▶ Exercise instructions
Reproduce the section of the listing that begins at the line containing "FILE_NAME('part.step','',(''),(''),'','','');" and finishes at the line containing "#21=DIRECTION('',(0.,0.,-1.));". Include both end lines and nothing beyond them.
*** Listed records ***
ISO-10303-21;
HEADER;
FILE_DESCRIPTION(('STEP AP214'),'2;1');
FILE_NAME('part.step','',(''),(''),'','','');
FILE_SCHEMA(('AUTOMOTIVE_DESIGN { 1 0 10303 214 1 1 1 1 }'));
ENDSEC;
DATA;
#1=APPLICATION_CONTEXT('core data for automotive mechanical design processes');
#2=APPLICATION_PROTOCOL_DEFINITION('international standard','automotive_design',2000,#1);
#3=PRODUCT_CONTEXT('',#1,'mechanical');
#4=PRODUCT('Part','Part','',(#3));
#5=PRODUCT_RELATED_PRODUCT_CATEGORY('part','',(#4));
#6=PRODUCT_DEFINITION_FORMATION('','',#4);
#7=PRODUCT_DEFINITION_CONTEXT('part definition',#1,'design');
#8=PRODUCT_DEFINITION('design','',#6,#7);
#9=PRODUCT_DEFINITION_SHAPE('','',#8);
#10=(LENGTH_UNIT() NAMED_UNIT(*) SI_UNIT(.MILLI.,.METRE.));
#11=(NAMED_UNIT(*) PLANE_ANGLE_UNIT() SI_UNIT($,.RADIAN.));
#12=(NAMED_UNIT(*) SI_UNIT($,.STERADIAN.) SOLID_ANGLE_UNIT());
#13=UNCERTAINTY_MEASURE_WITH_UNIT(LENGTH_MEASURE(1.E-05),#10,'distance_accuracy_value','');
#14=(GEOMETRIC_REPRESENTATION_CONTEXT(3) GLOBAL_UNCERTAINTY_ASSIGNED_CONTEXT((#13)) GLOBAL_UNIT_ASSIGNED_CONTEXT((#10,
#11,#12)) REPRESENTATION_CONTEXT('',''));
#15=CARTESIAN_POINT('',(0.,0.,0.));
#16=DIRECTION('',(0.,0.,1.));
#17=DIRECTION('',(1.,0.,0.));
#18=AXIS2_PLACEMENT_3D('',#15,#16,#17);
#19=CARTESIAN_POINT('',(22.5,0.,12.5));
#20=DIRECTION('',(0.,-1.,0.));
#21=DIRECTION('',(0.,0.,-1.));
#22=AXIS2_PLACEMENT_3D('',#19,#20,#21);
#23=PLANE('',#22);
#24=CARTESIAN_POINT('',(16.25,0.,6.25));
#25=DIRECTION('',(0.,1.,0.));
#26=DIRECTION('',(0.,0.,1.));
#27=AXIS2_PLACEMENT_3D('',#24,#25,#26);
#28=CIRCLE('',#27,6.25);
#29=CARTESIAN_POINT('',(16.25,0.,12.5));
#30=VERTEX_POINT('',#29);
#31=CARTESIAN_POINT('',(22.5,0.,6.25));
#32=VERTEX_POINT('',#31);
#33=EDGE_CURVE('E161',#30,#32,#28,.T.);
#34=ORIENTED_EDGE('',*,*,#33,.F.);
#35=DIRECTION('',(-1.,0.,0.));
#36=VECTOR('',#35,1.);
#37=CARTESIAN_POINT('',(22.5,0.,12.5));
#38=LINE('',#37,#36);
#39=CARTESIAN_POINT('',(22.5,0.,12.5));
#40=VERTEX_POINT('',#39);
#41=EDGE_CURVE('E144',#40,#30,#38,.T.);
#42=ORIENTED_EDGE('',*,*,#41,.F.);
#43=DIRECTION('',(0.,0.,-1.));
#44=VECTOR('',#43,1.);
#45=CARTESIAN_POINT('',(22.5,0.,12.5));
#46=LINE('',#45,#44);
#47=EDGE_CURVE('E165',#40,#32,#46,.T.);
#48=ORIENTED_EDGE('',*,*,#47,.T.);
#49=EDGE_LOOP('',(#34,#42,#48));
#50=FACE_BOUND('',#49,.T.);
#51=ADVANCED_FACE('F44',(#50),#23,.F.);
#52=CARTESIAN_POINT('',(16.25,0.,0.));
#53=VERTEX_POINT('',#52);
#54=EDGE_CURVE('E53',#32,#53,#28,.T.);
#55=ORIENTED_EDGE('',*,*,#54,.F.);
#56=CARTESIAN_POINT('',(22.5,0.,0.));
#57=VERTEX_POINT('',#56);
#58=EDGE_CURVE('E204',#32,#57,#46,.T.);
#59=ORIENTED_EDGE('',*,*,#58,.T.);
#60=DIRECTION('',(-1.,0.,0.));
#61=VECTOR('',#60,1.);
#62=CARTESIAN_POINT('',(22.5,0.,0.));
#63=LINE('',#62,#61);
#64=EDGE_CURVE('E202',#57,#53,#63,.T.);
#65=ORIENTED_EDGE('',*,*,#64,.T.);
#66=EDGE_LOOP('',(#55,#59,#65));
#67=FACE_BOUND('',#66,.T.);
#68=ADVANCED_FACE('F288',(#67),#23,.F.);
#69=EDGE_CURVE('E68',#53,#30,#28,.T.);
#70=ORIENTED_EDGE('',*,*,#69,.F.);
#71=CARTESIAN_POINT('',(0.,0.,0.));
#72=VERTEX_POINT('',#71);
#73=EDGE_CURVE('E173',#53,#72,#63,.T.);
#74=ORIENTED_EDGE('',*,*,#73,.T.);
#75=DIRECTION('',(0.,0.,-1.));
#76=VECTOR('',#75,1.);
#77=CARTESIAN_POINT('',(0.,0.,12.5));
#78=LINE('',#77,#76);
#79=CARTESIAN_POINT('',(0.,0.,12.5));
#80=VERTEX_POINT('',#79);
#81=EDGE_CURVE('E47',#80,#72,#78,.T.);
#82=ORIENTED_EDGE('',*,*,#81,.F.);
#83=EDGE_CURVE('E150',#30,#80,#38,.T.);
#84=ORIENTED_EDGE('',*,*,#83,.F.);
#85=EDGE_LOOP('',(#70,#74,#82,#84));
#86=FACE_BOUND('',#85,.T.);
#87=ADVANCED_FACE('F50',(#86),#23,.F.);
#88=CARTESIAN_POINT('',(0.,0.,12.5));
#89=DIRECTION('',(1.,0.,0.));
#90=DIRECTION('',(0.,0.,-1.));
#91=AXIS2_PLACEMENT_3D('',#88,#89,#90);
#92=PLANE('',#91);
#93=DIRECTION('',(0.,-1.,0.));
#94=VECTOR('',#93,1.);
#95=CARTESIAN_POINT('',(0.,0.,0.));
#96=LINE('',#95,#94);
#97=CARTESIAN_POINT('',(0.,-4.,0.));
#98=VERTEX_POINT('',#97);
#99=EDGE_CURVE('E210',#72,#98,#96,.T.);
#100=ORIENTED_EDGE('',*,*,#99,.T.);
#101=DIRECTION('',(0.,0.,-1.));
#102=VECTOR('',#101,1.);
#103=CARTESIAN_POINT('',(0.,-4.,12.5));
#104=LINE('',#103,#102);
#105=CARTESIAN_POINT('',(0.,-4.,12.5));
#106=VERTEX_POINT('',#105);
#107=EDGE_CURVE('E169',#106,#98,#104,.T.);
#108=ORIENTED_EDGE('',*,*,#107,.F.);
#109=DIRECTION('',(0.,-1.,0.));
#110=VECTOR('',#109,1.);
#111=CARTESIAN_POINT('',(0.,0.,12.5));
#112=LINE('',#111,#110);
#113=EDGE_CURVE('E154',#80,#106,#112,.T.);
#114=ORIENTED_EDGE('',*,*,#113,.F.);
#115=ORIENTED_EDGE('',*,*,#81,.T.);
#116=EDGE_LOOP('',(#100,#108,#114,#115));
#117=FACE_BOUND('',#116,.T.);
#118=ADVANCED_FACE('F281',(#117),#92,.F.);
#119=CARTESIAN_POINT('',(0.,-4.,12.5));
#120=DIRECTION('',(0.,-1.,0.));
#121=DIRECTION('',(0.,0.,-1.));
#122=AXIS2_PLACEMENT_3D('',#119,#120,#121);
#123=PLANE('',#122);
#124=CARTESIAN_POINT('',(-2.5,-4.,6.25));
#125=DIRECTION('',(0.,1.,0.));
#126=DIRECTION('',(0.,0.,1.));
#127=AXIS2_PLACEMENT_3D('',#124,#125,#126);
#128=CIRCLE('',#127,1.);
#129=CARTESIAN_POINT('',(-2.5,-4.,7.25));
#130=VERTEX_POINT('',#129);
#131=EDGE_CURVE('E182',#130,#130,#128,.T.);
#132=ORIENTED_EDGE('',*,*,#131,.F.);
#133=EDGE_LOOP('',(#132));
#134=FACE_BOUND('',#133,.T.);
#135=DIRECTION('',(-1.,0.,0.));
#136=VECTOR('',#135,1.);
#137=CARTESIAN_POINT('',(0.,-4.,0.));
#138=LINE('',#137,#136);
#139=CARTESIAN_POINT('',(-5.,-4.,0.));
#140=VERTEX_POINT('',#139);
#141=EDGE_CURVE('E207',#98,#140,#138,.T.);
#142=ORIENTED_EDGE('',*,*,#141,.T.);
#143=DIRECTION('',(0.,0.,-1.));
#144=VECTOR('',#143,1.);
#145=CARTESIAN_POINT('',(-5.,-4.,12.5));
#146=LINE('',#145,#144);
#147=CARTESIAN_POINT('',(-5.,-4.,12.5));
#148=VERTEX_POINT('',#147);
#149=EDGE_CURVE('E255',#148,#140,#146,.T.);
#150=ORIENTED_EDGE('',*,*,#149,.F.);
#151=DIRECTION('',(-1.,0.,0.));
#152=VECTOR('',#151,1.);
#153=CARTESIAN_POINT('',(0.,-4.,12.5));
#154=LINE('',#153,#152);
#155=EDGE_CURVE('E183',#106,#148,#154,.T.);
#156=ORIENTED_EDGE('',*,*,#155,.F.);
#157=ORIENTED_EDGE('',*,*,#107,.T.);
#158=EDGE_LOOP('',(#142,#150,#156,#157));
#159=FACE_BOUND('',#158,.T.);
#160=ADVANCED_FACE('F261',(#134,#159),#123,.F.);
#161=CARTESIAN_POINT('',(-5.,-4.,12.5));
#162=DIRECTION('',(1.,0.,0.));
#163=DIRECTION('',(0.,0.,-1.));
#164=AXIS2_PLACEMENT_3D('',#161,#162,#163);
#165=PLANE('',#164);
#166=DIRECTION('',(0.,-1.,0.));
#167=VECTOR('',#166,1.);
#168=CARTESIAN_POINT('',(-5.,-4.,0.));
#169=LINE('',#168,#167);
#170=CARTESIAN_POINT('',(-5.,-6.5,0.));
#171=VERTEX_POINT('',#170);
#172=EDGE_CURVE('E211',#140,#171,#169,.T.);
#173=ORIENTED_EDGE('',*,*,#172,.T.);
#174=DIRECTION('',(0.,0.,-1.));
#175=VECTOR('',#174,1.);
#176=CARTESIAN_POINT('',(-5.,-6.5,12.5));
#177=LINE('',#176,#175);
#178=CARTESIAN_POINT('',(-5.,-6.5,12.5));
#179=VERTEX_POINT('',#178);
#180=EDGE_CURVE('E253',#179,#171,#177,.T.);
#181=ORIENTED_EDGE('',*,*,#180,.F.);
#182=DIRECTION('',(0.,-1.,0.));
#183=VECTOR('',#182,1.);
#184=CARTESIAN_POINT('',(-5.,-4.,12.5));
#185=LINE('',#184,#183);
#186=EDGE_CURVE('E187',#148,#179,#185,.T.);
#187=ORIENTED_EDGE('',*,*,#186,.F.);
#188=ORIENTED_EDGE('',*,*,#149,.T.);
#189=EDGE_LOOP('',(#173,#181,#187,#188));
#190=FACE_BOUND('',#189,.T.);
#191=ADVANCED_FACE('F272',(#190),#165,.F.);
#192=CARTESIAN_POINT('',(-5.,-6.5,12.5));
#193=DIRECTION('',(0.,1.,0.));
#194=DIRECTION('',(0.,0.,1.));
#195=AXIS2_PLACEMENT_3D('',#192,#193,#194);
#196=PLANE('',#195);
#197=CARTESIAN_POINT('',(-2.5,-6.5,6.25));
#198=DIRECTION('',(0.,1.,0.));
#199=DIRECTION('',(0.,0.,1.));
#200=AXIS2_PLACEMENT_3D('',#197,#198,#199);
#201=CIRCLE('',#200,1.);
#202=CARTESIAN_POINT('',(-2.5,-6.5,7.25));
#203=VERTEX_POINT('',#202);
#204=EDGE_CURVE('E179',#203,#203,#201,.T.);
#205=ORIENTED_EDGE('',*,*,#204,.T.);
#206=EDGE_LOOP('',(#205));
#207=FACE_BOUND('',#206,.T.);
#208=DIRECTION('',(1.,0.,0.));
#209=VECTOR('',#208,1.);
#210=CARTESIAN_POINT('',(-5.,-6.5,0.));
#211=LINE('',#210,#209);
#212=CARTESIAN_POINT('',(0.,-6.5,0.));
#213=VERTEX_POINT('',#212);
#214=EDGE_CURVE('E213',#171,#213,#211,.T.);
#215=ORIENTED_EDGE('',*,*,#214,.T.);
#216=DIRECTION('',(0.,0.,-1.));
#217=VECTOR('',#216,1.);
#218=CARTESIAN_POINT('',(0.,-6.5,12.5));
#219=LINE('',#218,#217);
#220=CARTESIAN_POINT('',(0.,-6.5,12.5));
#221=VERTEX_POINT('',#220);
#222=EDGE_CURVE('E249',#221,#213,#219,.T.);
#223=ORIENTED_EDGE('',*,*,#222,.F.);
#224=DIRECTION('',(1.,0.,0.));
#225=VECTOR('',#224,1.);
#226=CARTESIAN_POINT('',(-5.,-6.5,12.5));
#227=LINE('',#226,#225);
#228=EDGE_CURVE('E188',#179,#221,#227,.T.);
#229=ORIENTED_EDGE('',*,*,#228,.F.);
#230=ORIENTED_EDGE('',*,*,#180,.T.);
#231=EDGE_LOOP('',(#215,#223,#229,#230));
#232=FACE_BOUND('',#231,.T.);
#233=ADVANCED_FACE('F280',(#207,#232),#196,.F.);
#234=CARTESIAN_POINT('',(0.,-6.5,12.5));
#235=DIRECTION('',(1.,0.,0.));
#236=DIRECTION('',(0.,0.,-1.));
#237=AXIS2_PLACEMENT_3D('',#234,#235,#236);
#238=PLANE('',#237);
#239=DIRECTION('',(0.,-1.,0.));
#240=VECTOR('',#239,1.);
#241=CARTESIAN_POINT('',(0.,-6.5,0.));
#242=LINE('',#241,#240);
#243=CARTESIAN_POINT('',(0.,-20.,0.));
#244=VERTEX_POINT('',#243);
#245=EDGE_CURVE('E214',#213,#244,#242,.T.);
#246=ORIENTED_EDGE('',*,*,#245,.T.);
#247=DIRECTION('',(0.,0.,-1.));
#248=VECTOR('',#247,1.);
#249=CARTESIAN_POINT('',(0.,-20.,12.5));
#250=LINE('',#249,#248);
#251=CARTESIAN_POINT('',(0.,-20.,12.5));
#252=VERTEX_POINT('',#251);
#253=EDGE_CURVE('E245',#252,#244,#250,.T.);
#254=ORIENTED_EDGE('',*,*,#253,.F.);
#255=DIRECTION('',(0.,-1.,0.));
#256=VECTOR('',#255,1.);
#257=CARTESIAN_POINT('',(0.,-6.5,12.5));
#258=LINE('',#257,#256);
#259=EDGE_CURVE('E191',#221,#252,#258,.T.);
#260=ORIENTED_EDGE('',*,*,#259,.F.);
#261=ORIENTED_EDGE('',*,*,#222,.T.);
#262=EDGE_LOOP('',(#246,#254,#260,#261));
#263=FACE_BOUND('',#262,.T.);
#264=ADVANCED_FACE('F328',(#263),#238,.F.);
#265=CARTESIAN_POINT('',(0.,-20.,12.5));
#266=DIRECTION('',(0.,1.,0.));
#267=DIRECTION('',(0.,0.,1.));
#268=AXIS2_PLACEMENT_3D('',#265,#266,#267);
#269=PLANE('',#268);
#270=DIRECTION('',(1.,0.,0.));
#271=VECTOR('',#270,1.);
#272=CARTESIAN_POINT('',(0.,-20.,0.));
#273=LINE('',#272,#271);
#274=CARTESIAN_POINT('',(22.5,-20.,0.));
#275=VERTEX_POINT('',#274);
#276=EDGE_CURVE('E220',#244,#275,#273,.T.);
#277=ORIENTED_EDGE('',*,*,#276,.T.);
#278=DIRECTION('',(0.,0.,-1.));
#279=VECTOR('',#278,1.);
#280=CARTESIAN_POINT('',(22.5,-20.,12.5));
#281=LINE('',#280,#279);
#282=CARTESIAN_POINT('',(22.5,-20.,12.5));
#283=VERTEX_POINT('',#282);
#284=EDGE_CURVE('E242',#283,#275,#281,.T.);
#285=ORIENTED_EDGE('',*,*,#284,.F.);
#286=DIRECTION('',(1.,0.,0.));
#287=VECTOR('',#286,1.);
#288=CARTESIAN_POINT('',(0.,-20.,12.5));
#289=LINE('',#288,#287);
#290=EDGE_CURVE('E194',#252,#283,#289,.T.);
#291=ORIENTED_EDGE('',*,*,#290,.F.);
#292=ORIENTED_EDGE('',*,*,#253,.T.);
*** End of Listed records ***
▶ Written answer
FILE_NAME('part.step','',(''),(''),'','','');
FILE_SCHEMA(('AUTOMOTIVE_DESIGN { 1 0 10303 214 1 1 1 1 }'));
ENDSEC;
DATA;
#1=APPLICATION_CONTEXT('core data for automotive mechanical design processes');
#2=APPLICATION_PROTOCOL_DEFINITION('international standard','automotive_design',2000,#1);
#3=PRODUCT_CONTEXT('',#1,'mechanical');
#4=PRODUCT('Part','Part','',(#3));
#5=PRODUCT_RELATED_PRODUCT_CATEGORY('part','',(#4));
#6=PRODUCT_DEFINITION_FORMATION('','',#4);
#7=PRODUCT_DEFINITION_CONTEXT('part definition',#1,'design');
#8=PRODUCT_DEFINITION('design','',#6,#7);
#9=PRODUCT_DEFINITION_SHAPE('','',#8);
#10=(LENGTH_UNIT() NAMED_UNIT(*) SI_UNIT(.MILLI.,.METRE.));
#11=(NAMED_UNIT(*) PLANE_ANGLE_UNIT() SI_UNIT($,.RADIAN.));
#12=(NAMED_UNIT(*) SI_UNIT($,.STERADIAN.) SOLID_ANGLE_UNIT());
#13=UNCERTAINTY_MEASURE_WITH_UNIT(LENGTH_MEASURE(1.E-05),#10,'distance_accuracy_value','');
#14=(GEOMETRIC_REPRESENTATION_CONTEXT(3) GLOBAL_UNCERTAINTY_ASSIGNED_CONTEXT((#13)) GLOBAL_UNIT_ASSIGNED_CONTEXT((#10,
#11,#12)) REPRESENTATION_CONTEXT('',''));
#15=CARTESIAN_POINT('',(0.,0.,0.));
#16=DIRECTION('',(0.,0.,1.));
#17=DIRECTION('',(1.,0.,0.));
#18=AXIS2_PLACEMENT_3D('',#15,#16,#17);
#19=CARTESIAN_POINT('',(22.5,0.,12.5));
#20=DIRECTION('',(0.,-1.,0.));
#21=DIRECTION('',(0.,0.,-1.));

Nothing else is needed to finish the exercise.